(Records excerpted from a collection)

/---

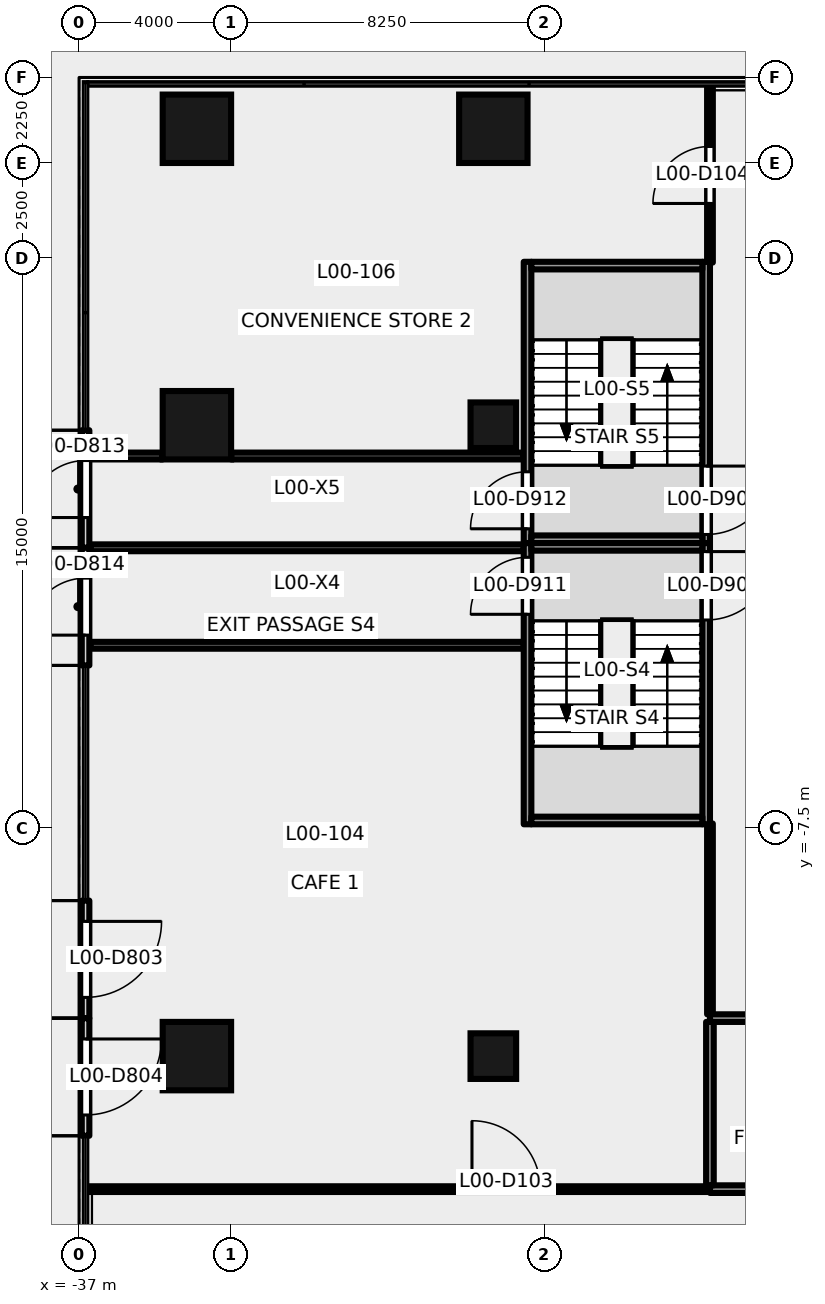
"""IFC4 building model, lengths in metres.
Left out: names, types, materials, properties, quantities, classifications, styles, units other than length and angle.
Written with IfcOpenShell. Run it as: python <this file> out.ifc"""

import sys

from ifc_helpers import new_model, si_unit, direction, frame, frame_2d, origin, origin_2d, place, context, subcontext, project, spatial, rectangle, extrude, element, fill, save


model = new_model("IFC4")
c1 = context("Model", 3, precision=1e-05, world=origin(), true_north=direction((0.0, 1.0)))
c2 = subcontext(c1, "Body", "Model", "MODEL_VIEW")
j1 = project(units=[si_unit("LENGTHUNIT", "METRE"), si_unit("PLANEANGLEUNIT", "RADIAN")], contexts=[c1])
p1 = place(None, origin())
s1 = spatial("IfcSite", under=j1, at=p1, CompositionType="ELEMENT")
p2 = place(p1, origin())
s2 = spatial("IfcBuilding", under=s1, at=p2, CompositionType="ELEMENT")
p3 = place(p2, origin())
s3 = spatial("IfcBuildingStorey", under=s2, at=p3, CompositionType="ELEMENT", Elevation=0.0)
for number, where, z_axis, x_axis in (
    (1, (-33.9, 10.9, -0.2), (0.0, 0.0, 1.0), (1.0, 0.0, 0.0)),
    (2, (-33.9, -13.5, -0.2), (0.0, 0.0, 1.0), (0.0, 1.0, 0.0)),
    (3, (-33.9, 3.1, -0.2), (0.0, 0.0, 1.0), (0.0, 1.0, 0.0)),
    (4, (-26.1, 10.9, -0.2), (0.0, 0.0, 1.0), (1.0, 0.0, 0.0)),
):
    element("IfcColumn", number, at=place(p3, frame(where, z_axis=z_axis, x_axis=x_axis)), inside=s3, PredefinedType="COLUMN", context=c2, shape_type="SweptSolid", body=[
        extrude(rectangle(XDim=1.8, YDim=1.8, at=origin_2d()), origin(), (0.0, 0.0, 1.0), 7.2),
    ])
for number, where, z_axis, x_axis in (
    (5, (-26.1, -13.5, -0.2), (0.0, 0.0, 1.0), (1.0, 0.0, 0.0)),
    (6, (-26.1, 3.1, -0.2), (0.0, 0.0, 1.0), (1.0, 0.0, 0.0)),
):
    element("IfcColumn", number, at=place(p3, frame(where, z_axis=z_axis, x_axis=x_axis)), inside=s3, PredefinedType="COLUMN", context=c2, shape_type="SweptSolid", body=[
        extrude(rectangle(XDim=1.2, YDim=1.2, at=origin_2d()), origin(), (0.0, 0.0, 1.0), 7.2),
    ])
p4 = place(p3, frame((-36.83, -0.126, 0.0), z_axis=(0.0, 0.0, 1.0), x_axis=(0.0, 1.0, 0.0)))
e7 = element("IfcWall", 7, at=p4, inside=s3, PredefinedType="SOLIDWALL", context=c2, shape_type="SweptSolid", body=[
    extrude(rectangle(XDim=3.094, YDim=0.2, at=frame_2d((1.547, 0.0))), origin(), (0.0, 0.0, 1.0), 7.0),
])
p5 = place(p4, frame((0.797, 0.0, 0.0)))
e8 = element("IfcOpeningElement", 8, at=p5, cuts=e7, PredefinedType="OPENING", context=c2, shape_type="SweptSolid", body=[
    extrude(rectangle(XDim=1.5, YDim=2.4, at=frame_2d((0.75, 1.2))), frame((0.0, 0.111, 0.0), z_axis=(0.0, -1.0, 0.0), x_axis=(1.0, 0.0, 0.0)), (0.0, 0.0, 1.0), 0.221),
])
p6 = place(p3, frame((-36.83, -3.22, 0.0), z_axis=(0.0, 0.0, 1.0), x_axis=(0.0, 1.0, 0.0)))
e9 = element("IfcWall", 9, at=p6, inside=s3, PredefinedType="SOLIDWALL", context=c2, shape_type="SweptSolid", body=[
    extrude(rectangle(XDim=3.094, YDim=0.2, at=frame_2d((1.547, 0.0))), origin(), (0.0, 0.0, 1.0), 7.0),
])
p7 = place(p6, frame((0.797, 0.0, 0.0)))
e10 = element("IfcOpeningElement", 10, at=p7, cuts=e9, PredefinedType="OPENING", context=c2, shape_type="SweptSolid", body=[
    extrude(rectangle(XDim=1.5, YDim=2.4, at=frame_2d((0.75, 1.2))), frame((0.0, 0.111, 0.0), z_axis=(0.0, -1.0, 0.0), x_axis=(1.0, 0.0, 0.0)), (0.0, 0.0, 1.0), 0.221),
])
p8 = place(p3, frame((-36.83, -9.408, 0.0), z_axis=(0.0, 0.0, 1.0), x_axis=(0.0, -1.0, 0.0)))
e11 = element("IfcWall", 11, at=p8, inside=s3, PredefinedType="SOLIDWALL", context=c2, shape_type="SweptSolid", body=[
    extrude(rectangle(XDim=3.094, YDim=0.2, at=frame_2d((1.547, 0.0))), origin(), (0.0, 0.0, 1.0), 7.0),
])
p9 = place(p8, frame((0.547, 0.0, 0.0)))
e12 = element("IfcOpeningElement", 12, at=p9, cuts=e11, PredefinedType="OPENING", context=c2, shape_type="SweptSolid", body=[
    extrude(rectangle(XDim=2.0, YDim=2.4, at=frame_2d((1.0, 1.2))), frame((0.0, 0.111, 0.0), z_axis=(0.0, -1.0, 0.0), x_axis=(1.0, 0.0, 0.0)), (0.0, 0.0, 1.0), 0.221),
])
p10 = place(p3, frame((-36.83, -12.502, 0.0), z_axis=(0.0, 0.0, 1.0), x_axis=(0.0, -1.0, 0.0)))
e13 = element("IfcWall", 13, at=p10, inside=s3, PredefinedType="SOLIDWALL", context=c2, shape_type="SweptSolid", body=[
    extrude(rectangle(XDim=3.094, YDim=0.2, at=frame_2d((1.547, 0.0))), origin(), (0.0, 0.0, 1.0), 7.0),
])
p11 = place(p10, frame((0.547, 0.0, 0.0)))
e14 = element("IfcOpeningElement", 14, at=p11, cuts=e13, PredefinedType="OPENING", context=c2, shape_type="SweptSolid", body=[
    extrude(rectangle(XDim=2.0, YDim=2.4, at=frame_2d((1.0, 1.2))), frame((0.0, 0.111, 0.0), z_axis=(0.0, -1.0, 0.0), x_axis=(1.0, 0.0, 0.0)), (0.0, 0.0, 1.0), 0.221),
])
p12 = place(p3, frame((-20.5, 0.0, -0.2), z_axis=(0.0, 0.0, 1.0), x_axis=(0.0, -1.0, 0.0)))
e15 = element("IfcWall", 15, at=p12, inside=s3, PredefinedType="SHEAR", context=c2, shape_type="SweptSolid", body=[
    extrude(rectangle(XDim=7.4, YDim=0.2, at=frame_2d((3.7, 0.0))), origin(), (0.0, 0.0, 1.0), 7.2),
])
p13 = place(p12, frame((0.225, 0.0, 0.2)))
e16 = element("IfcOpeningElement", 16, at=p13, cuts=e15, PredefinedType="OPENING", context=c2, shape_type="SweptSolid", body=[
    extrude(rectangle(XDim=1.8, YDim=2.1, at=frame_2d((0.9, 1.05))), frame((0.0, 0.111, 0.0), z_axis=(0.0, -1.0, 0.0), x_axis=(1.0, 0.0, 0.0)), (0.0, 0.0, 1.0), 0.221),
])
p14 = place(p3, frame((-25.2, -7.4, -0.2), z_axis=(0.0, 0.0, 1.0), x_axis=(0.0, 1.0, 0.0)))
e17 = element("IfcWall", 17, at=p14, inside=s3, PredefinedType="SHEAR", context=c2, shape_type="SweptSolid", body=[
    extrude(rectangle(XDim=7.4, YDim=0.2, at=frame_2d((3.7, 0.0))), origin(), (0.0, 0.0, 1.0), 7.2),
])
p15 = place(p14, frame((5.525, 0.0, 0.2)))
e18 = element("IfcOpeningElement", 18, at=p15, cuts=e17, PredefinedType="OPENING", context=c2, shape_type="SweptSolid", body=[
    extrude(rectangle(XDim=1.5, YDim=2.1, at=frame_2d((0.75, 1.05))), frame((0.0, 0.111, 0.0), z_axis=(0.0, -1.0, 0.0), x_axis=(1.0, 0.0, 0.0)), (0.0, 0.0, 1.0), 0.221),
])
for number, where, z_axis, x_axis in (
    (19, (-25.1, -0.1, -0.2), (0.0, 0.0, 1.0), (1.0, 0.0, 0.0)),
    (20, (-25.1, -7.3, -0.2), (0.0, 0.0, 1.0), (1.0, 0.0, 0.0)),
):
    element("IfcWall", number, at=place(p3, frame(where, z_axis=z_axis, x_axis=x_axis)), inside=s3, PredefinedType="SHEAR", context=c2, shape_type="SweptSolid", body=[
        extrude(rectangle(XDim=4.5, YDim=0.2, at=frame_2d((2.25, 0.0))), origin(), (0.0, 0.0, 1.0), 7.2),
    ])
p16 = place(p3, frame((-20.5, 7.4, -0.2), z_axis=(0.0, 0.0, 1.0), x_axis=(0.0, -1.0, 0.0)))
e21 = element("IfcWall", 21, at=p16, inside=s3, PredefinedType="SHEAR", context=c2, shape_type="SweptSolid", body=[
    extrude(rectangle(XDim=7.4, YDim=0.2, at=frame_2d((3.7, 0.0))), origin(), (0.0, 0.0, 1.0), 7.2),
])
p17 = place(p16, frame((5.375, 0.0, 0.2)))
e22 = element("IfcOpeningElement", 22, at=p17, cuts=e21, PredefinedType="OPENING", context=c2, shape_type="SweptSolid", body=[
    extrude(rectangle(XDim=1.8, YDim=2.1, at=frame_2d((0.9, 1.05))), frame((0.0, 0.111, 0.0), z_axis=(0.0, -1.0, 0.0), x_axis=(1.0, 0.0, 0.0)), (0.0, 0.0, 1.0), 0.221),
])
p18 = place(p3, frame((-25.2, 0.0, -0.2), z_axis=(0.0, 0.0, 1.0), x_axis=(0.0, 1.0, 0.0)))
e23 = element("IfcWall", 23, at=p18, inside=s3, PredefinedType="SHEAR", context=c2, shape_type="SweptSolid", body=[
    extrude(rectangle(XDim=7.4, YDim=0.2, at=frame_2d((3.7, 0.0))), origin(), (0.0, 0.0, 1.0), 7.2),
])
p19 = place(p18, frame((0.375, 0.0, 0.2)))
e24 = element("IfcOpeningElement", 24, at=p19, cuts=e23, PredefinedType="OPENING", context=c2, shape_type="SweptSolid", body=[
    extrude(rectangle(XDim=1.5, YDim=2.1, at=frame_2d((0.75, 1.05))), frame((0.0, 0.111, 0.0), z_axis=(0.0, -1.0, 0.0), x_axis=(1.0, 0.0, 0.0)), (0.0, 0.0, 1.0), 0.221),
])
for number, where, z_axis, x_axis in (
    (25, (-25.1, 7.3, -0.2), (0.0, 0.0, 1.0), (1.0, 0.0, 0.0)),
    (26, (-25.1, 0.1, -0.2), (0.0, 0.0, 1.0), (1.0, 0.0, 0.0)),
):
    element("IfcWall", number, at=place(p3, frame(where, z_axis=z_axis, x_axis=x_axis)), inside=s3, PredefinedType="SHEAR", context=c2, shape_type="SweptSolid", body=[
        extrude(rectangle(XDim=4.5, YDim=0.2, at=frame_2d((2.25, 0.0))), origin(), (0.0, 0.0, 1.0), 7.2),
    ])
for number, where, z_axis, x_axis in (
    (27, (-36.7, -2.69, 0.0), (0.0, 0.0, 1.0), (1.0, 0.0, 0.0)),
    (28, (-36.7, -0.125, 0.0), (0.0, 0.0, 1.0), (1.0, 0.0, 0.0)),
):
    element("IfcWall", number, at=place(p3, frame(where, z_axis=z_axis, x_axis=x_axis)), inside=s3, PredefinedType="PARTITIONING", context=c2, shape_type="SweptSolid", body=[
        extrude(rectangle(XDim=11.4, YDim=0.18, at=frame_2d((5.7, 0.0))), origin(), (0.0, 0.0, 1.0), 7.0),
    ])
p20 = place(p3, frame((-36.7, 2.29, 0.0), z_axis=(0.0, 0.0, 1.0), x_axis=(1.0, 0.0, 0.0)))
e29 = element("IfcWall", 29, at=p20, inside=s3, PredefinedType="PARTITIONING", context=c2, shape_type="SweptSolid", body=[
    extrude(rectangle(XDim=1.9, YDim=0.18, at=frame_2d((0.95, 0.0))), origin(), (0.0, 0.0, 1.0), 7.0),
])
p21 = place(p3, frame((-33.0, 2.29, 0.0), z_axis=(0.0, 0.0, 1.0), x_axis=(1.0, 0.0, 0.0)))
e30 = element("IfcWall", 30, at=p21, inside=s3, PredefinedType="PARTITIONING", context=c2, shape_type="SweptSolid", body=[
    extrude(rectangle(XDim=7.7, YDim=0.18, at=frame_2d((3.85, 0.0))), origin(), (0.0, 0.0, 1.0), 7.0),
])
p22 = place(p3, frame((-15.4, -12.5, 0.0), z_axis=(0.0, 0.0, 1.0), x_axis=(-1.0, 0.0, 0.0)))
e31 = element("IfcWall", 31, at=p22, inside=s3, PredefinedType="PARTITIONING", context=c2, shape_type="SweptSolid", body=[
    extrude(rectangle(XDim=5.0, YDim=0.2, at=frame_2d((2.5, 0.0))), origin(), (0.0, 0.0, 1.0), 6.7),
])
p23 = place(p22, frame((2.05, 0.0, 0.0)))
e32 = element("IfcOpeningElement", 32, at=p23, cuts=e31, PredefinedType="OPENING", context=c2, shape_type="SweptSolid", body=[
    extrude(rectangle(XDim=0.9, YDim=2.1, at=frame_2d((0.45, 1.05))), frame((0.0, 0.111, 0.0), z_axis=(0.0, -1.0, 0.0), x_axis=(1.0, 0.0, 0.0)), (0.0, 0.0, 1.0), 0.221),
])
p24 = place(p3, frame((-20.4, -12.4, 0.0), z_axis=(0.0, 0.0, 1.0), x_axis=(0.0, 1.0, 0.0)))
e33 = element("IfcWall", 33, at=p24, inside=s3, PredefinedType="PARTITIONING", context=c2, shape_type="SweptSolid", body=[
    extrude(rectangle(XDim=5.02, YDim=0.15, at=frame_2d((2.51, 0.0))), origin(), (0.0, 0.0, 1.0), 7.0),
])
p25 = place(p3, frame((-20.4, 7.38, 0.0), z_axis=(0.0, 0.0, 1.0), x_axis=(0.0, 1.0, 0.0)))
e34 = element("IfcWall", 34, at=p25, inside=s3, PredefinedType="PARTITIONING", context=c2, shape_type="SweptSolid", body=[
    extrude(rectangle(XDim=4.61, YDim=0.15, at=frame_2d((2.305, 0.0))), origin(), (0.0, 0.0, 1.0), 6.0),
])
p26 = place(p25, frame((1.555, 0.0, 0.0)))
e35 = element("IfcOpeningElement", 35, at=p26, cuts=e34, PredefinedType="OPENING", context=c2, shape_type="SweptSolid", body=[
    extrude(rectangle(XDim=1.5, YDim=2.1, at=frame_2d((0.75, 1.05))), frame((0.0, 0.085, 0.0), z_axis=(0.0, -1.0, 0.0), x_axis=(1.0, 0.0, 0.0)), (0.0, 0.0, 1.0), 0.171),
])
p27 = place(p3, frame((-15.4, -17.0, 0.0), z_axis=(0.0, 0.0, 1.0), x_axis=(-1.0, 0.0, 0.0)))
e36 = element("IfcWall", 36, at=p27, inside=s3, PredefinedType="PARTITIONING", context=c2, shape_type="SweptSolid", body=[
    extrude(rectangle(XDim=5.0, YDim=0.2, at=frame_2d((2.5, 0.0))), origin(), (0.0, 0.0, 1.0), 6.39),
])
p28 = place(p3, frame((-20.401, -16.9, 0.0), z_axis=(0.0, 0.0, 1.0), x_axis=(0.0, 1.0, 0.0)))
e37 = element("IfcWall", 37, at=p28, inside=s3, PredefinedType="PARTITIONING", context=c2, shape_type="SweptSolid", body=[
    extrude(rectangle(XDim=4.3, YDim=0.2, at=frame_2d((2.15, 0.0))), origin(), (0.0, 0.0, 1.0), 6.0),
])
p29 = place(p3, frame((-36.74, -17.0, 0.0), z_axis=(0.0, 0.0, 1.0), x_axis=(1.0, 0.0, 0.0)))
e38 = element("IfcWall", 38, at=p29, inside=s3, PredefinedType="PARTITIONING", context=c2, shape_type="SweptSolid", body=[
    extrude(rectangle(XDim=16.34, YDim=0.15, at=frame_2d((8.17, 0.0))), origin(), (0.0, 0.0, 1.0), 6.0),
])
p30 = place(p29, frame((10.078, 0.0, 0.0)))
e39 = element("IfcOpeningElement", 39, at=p30, cuts=e38, PredefinedType="OPENING", context=c2, shape_type="SweptSolid", body=[
    extrude(rectangle(XDim=1.8, YDim=2.1, at=frame_2d((0.9, 1.05))), frame((0.0, 0.085, 0.0), z_axis=(0.0, -1.0, 0.0), x_axis=(1.0, 0.0, 0.0)), (0.0, 0.0, 1.0), 0.171),
])
p31 = place(p5, origin())
e40 = element("IfcDoor", 40, at=p31, inside=s3, OperationType="DOUBLE_DOOR_SINGLE_SWING", PredefinedType="DOOR", context=c2, shape_type="SweptSolid", body=[
    extrude(rectangle(XDim=1.5, YDim=2.4, at=frame_2d((0.75, 1.2))), frame((0.0, 0.025, 0.0), z_axis=(0.0, -1.0, 0.0), x_axis=(1.0, 0.0, 0.0)), (0.0, 0.0, 1.0), 0.05),
])
fill(e8, e40)
p32 = place(p7, origin())
e41 = element("IfcDoor", 41, at=p32, inside=s3, OperationType="DOUBLE_DOOR_SINGLE_SWING", PredefinedType="DOOR", context=c2, shape_type="SweptSolid", body=[
    extrude(rectangle(XDim=1.5, YDim=2.4, at=frame_2d((0.75, 1.2))), frame((0.0, 0.025, 0.0), z_axis=(0.0, -1.0, 0.0), x_axis=(1.0, 0.0, 0.0)), (0.0, 0.0, 1.0), 0.05),
])
fill(e10, e41)
p33 = place(p9, origin())
e42 = element("IfcDoor", 42, at=p33, inside=s3, OperationType="DOUBLE_DOOR_SINGLE_SWING", PredefinedType="DOOR", context=c2, shape_type="SweptSolid", body=[
    extrude(rectangle(XDim=2.0, YDim=2.4, at=frame_2d((1.0, 1.2))), frame((0.0, 0.025, 0.0), z_axis=(0.0, -1.0, 0.0), x_axis=(1.0, 0.0, 0.0)), (0.0, 0.0, 1.0), 0.05),
])
fill(e12, e42)
p34 = place(p11, origin())
e43 = element("IfcDoor", 43, at=p34, inside=s3, OperationType="DOUBLE_DOOR_SINGLE_SWING", PredefinedType="DOOR", context=c2, shape_type="SweptSolid", body=[
    extrude(rectangle(XDim=2.0, YDim=2.4, at=frame_2d((1.0, 1.2))), frame((0.0, 0.025, 0.0), z_axis=(0.0, -1.0, 0.0), x_axis=(1.0, 0.0, 0.0)), (0.0, 0.0, 1.0), 0.05),
])
fill(e14, e43)
p35 = place(p13, origin())
e44 = element("IfcDoor", 44, at=p35, inside=s3, OperationType="DOUBLE_DOOR_SINGLE_SWING", PredefinedType="DOOR", context=c2, shape_type="SweptSolid", body=[
    extrude(rectangle(XDim=1.8, YDim=2.1, at=frame_2d((0.9, 1.05))), frame((0.0, 0.025, 0.0), z_axis=(0.0, -1.0, 0.0), x_axis=(1.0, 0.0, 0.0)), (0.0, 0.0, 1.0), 0.05),
])
fill(e16, e44)
p36 = place(p15, origin())
e45 = element("IfcDoor", 45, at=p36, inside=s3, OperationType="DOUBLE_DOOR_SINGLE_SWING", PredefinedType="DOOR", context=c2, shape_type="SweptSolid", body=[
    extrude(rectangle(XDim=1.5, YDim=2.1, at=frame_2d((0.75, 1.05))), frame((0.0, 0.025, 0.0), z_axis=(0.0, -1.0, 0.0), x_axis=(1.0, 0.0, 0.0)), (0.0, 0.0, 1.0), 0.05),
])
fill(e18, e45)
p37 = place(p17, origin())
e46 = element("IfcDoor", 46, at=p37, inside=s3, OperationType="DOUBLE_DOOR_SINGLE_SWING", PredefinedType="DOOR", context=c2, shape_type="SweptSolid", body=[
    extrude(rectangle(XDim=1.8, YDim=2.1, at=frame_2d((0.9, 1.05))), frame((0.0, 0.025, 0.0), z_axis=(0.0, -1.0, 0.0), x_axis=(1.0, 0.0, 0.0)), (0.0, 0.0, 1.0), 0.05),
])
fill(e22, e46)
p38 = place(p19, origin())
e47 = element("IfcDoor", 47, at=p38, inside=s3, OperationType="DOUBLE_DOOR_SINGLE_SWING", PredefinedType="DOOR", context=c2, shape_type="SweptSolid", body=[
    extrude(rectangle(XDim=1.5, YDim=2.1, at=frame_2d((0.75, 1.05))), frame((0.0, 0.025, 0.0), z_axis=(0.0, -1.0, 0.0), x_axis=(1.0, 0.0, 0.0)), (0.0, 0.0, 1.0), 0.05),
])
fill(e24, e47)
p39 = place(p30, origin())
e48 = element("IfcDoor", 48, at=p39, inside=s3, OperationType="DOUBLE_DOOR_SINGLE_SWING", PredefinedType="DOOR", context=c2, shape_type="SweptSolid", body=[
    extrude(rectangle(XDim=1.8, YDim=2.1, at=frame_2d((0.9, 1.05))), frame((0.0, 0.025, 0.0), z_axis=(0.0, -1.0, 0.0), x_axis=(1.0, 0.0, 0.0)), (0.0, 0.0, 1.0), 0.05),
])
fill(e39, e48)
p40 = place(p26, origin())
e49 = element("IfcDoor", 49, at=p40, inside=s3, OperationType="DOUBLE_DOOR_SINGLE_SWING", PredefinedType="DOOR", context=c2, shape_type="SweptSolid", body=[
    extrude(rectangle(XDim=1.5, YDim=2.1, at=frame_2d((0.75, 1.05))), frame((0.0, 0.025, 0.0), z_axis=(0.0, -1.0, 0.0), x_axis=(1.0, 0.0, 0.0)), (0.0, 0.0, 1.0), 0.05),
])
fill(e35, e49)
save(model, sys.argv[1])

\---

Instructions to follow: Copy out each line in the preceding records that contains "subcontext".

Solution to the problem:
from ifc_helpers import new_model, si_unit, direction, frame, frame_2d, origin, origin_2d, place, context, subcontext, project, spatial, rectangle, extrude, element, fill, save
c2 = subcontext(c1, "Body", "Model", "MODEL_VIEW")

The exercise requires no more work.